Problem statement >> Only one stretch of the data below is needed. Output the lines from the one with "p2 = place(p1, origin())" up to and including the one with "p8 = place(p7, frame((3.754, 0.0, 0.0)))", exactly as they stand.
+-------+
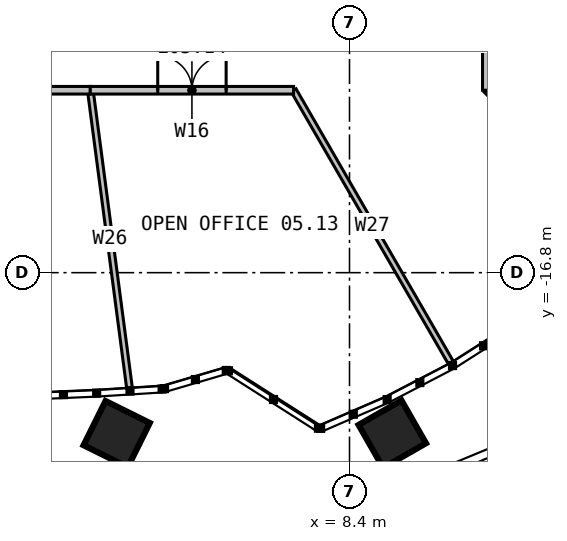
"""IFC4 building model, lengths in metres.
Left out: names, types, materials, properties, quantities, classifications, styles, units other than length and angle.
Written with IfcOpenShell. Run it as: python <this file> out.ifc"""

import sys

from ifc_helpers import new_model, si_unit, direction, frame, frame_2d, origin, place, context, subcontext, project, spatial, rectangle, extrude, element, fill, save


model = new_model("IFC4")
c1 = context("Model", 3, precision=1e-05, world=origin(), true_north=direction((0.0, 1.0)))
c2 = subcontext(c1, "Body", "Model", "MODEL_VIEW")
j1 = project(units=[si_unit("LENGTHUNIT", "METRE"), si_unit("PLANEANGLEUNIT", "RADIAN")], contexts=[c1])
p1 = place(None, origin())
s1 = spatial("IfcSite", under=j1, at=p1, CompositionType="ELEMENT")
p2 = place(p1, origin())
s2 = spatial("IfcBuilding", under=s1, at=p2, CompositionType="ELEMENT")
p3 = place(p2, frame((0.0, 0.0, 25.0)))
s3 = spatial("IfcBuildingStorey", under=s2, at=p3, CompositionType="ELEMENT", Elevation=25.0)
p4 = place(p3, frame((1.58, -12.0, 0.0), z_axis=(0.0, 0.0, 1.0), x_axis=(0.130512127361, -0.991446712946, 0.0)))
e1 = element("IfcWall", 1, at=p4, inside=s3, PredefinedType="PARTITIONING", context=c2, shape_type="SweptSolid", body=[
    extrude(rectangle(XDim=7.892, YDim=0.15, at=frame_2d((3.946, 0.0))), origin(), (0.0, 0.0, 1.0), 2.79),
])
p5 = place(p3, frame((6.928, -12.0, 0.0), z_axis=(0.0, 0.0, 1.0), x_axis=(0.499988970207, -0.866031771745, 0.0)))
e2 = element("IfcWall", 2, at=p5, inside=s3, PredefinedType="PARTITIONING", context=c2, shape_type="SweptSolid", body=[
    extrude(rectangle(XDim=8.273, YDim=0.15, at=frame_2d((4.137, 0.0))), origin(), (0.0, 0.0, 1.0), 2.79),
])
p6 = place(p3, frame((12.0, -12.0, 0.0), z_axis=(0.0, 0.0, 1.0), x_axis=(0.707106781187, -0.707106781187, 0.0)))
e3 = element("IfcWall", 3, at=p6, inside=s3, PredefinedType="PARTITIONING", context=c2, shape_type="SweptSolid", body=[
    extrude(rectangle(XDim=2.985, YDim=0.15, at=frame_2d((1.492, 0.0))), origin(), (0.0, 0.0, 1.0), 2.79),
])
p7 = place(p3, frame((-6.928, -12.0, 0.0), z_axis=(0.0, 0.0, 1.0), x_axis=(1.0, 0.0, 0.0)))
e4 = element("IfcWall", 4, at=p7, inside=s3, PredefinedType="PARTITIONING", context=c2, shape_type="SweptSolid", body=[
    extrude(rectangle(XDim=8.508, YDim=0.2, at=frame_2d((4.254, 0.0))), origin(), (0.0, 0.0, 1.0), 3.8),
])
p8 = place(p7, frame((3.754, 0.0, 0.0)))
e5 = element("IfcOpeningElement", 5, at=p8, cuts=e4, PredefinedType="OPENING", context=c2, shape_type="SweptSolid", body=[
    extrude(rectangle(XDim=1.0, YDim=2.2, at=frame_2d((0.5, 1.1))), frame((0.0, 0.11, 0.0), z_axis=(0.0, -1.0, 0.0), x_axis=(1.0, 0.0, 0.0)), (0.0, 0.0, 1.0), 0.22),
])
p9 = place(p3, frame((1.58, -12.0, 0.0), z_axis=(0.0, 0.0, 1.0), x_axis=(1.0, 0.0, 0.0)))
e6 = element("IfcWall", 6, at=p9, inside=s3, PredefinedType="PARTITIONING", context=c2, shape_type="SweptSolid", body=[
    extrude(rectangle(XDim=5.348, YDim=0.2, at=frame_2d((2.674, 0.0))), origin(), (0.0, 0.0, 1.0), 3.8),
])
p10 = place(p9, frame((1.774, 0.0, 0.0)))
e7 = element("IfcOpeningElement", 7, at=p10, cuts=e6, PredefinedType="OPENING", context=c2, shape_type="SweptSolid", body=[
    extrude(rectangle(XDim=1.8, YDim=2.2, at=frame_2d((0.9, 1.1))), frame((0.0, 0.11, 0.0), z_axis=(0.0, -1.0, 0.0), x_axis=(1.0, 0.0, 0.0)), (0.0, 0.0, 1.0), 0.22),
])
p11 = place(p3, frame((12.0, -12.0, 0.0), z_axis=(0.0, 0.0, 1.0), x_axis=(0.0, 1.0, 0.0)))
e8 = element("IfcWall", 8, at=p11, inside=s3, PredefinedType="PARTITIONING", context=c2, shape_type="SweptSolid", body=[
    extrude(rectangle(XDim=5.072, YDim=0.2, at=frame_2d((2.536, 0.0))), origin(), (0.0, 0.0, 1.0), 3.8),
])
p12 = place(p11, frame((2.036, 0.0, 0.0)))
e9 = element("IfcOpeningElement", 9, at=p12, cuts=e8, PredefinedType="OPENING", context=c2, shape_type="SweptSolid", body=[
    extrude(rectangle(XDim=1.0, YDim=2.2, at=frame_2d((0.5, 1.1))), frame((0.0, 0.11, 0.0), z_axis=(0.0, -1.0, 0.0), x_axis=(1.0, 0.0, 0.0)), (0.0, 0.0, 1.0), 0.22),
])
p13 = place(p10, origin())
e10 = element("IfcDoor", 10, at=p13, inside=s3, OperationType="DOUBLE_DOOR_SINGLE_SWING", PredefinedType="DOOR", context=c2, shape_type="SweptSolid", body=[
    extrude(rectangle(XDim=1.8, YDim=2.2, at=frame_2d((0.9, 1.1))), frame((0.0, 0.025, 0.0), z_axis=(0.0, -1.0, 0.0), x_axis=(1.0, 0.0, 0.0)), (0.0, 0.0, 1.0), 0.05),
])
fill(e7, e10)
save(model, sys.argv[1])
+-------+
Solution for this problem >>
p2 = place(p1, origin())
s2 = spatial("IfcBuilding", under=s1, at=p2, CompositionType="ELEMENT")
p3 = place(p2, frame((0.0, 0.0, 25.0)))
s3 = spatial("IfcBuildingStorey", under=s2, at=p3, CompositionType="ELEMENT", Elevation=25.0)
p4 = place(p3, frame((1.58, -12.0, 0.0), z_axis=(0.0, 0.0, 1.0), x_axis=(0.130512127361, -0.991446712946, 0.0)))
e1 = element("IfcWall", 1, at=p4, inside=s3, PredefinedType="PARTITIONING", context=c2, shape_type="SweptSolid", body=[
    extrude(rectangle(XDim=7.892, YDim=0.15, at=frame_2d((3.946, 0.0))), origin(), (0.0, 0.0, 1.0), 2.79),
])
p5 = place(p3, frame((6.928, -12.0, 0.0), z_axis=(0.0, 0.0, 1.0), x_axis=(0.499988970207, -0.866031771745, 0.0)))
e2 = element("IfcWall", 2, at=p5, inside=s3, PredefinedType="PARTITIONING", context=c2, shape_type="SweptSolid", body=[
    extrude(rectangle(XDim=8.273, YDim=0.15, at=frame_2d((4.137, 0.0))), origin(), (0.0, 0.0, 1.0), 2.79),
])
p6 = place(p3, frame((12.0, -12.0, 0.0), z_axis=(0.0, 0.0, 1.0), x_axis=(0.707106781187, -0.707106781187, 0.0)))
e3 = element("IfcWall", 3, at=p6, inside=s3, PredefinedType="PARTITIONING", context=c2, shape_type="SweptSolid", body=[
    extrude(rectangle(XDim=2.985, YDim=0.15, at=frame_2d((1.492, 0.0))), origin(), (0.0, 0.0, 1.0), 2.79),
])
p7 = place(p3, frame((-6.928, -12.0, 0.0), z_axis=(0.0, 0.0, 1.0), x_axis=(1.0, 0.0, 0.0)))
e4 = element("IfcWall", 4, at=p7, inside=s3, PredefinedType="PARTITIONING", context=c2, shape_type="SweptSolid", body=[
    extrude(rectangle(XDim=8.508, YDim=0.2, at=frame_2d((4.254, 0.0))), origin(), (0.0, 0.0, 1.0), 3.8),
])
p8 = place(p7, frame((3.754, 0.0, 0.0)))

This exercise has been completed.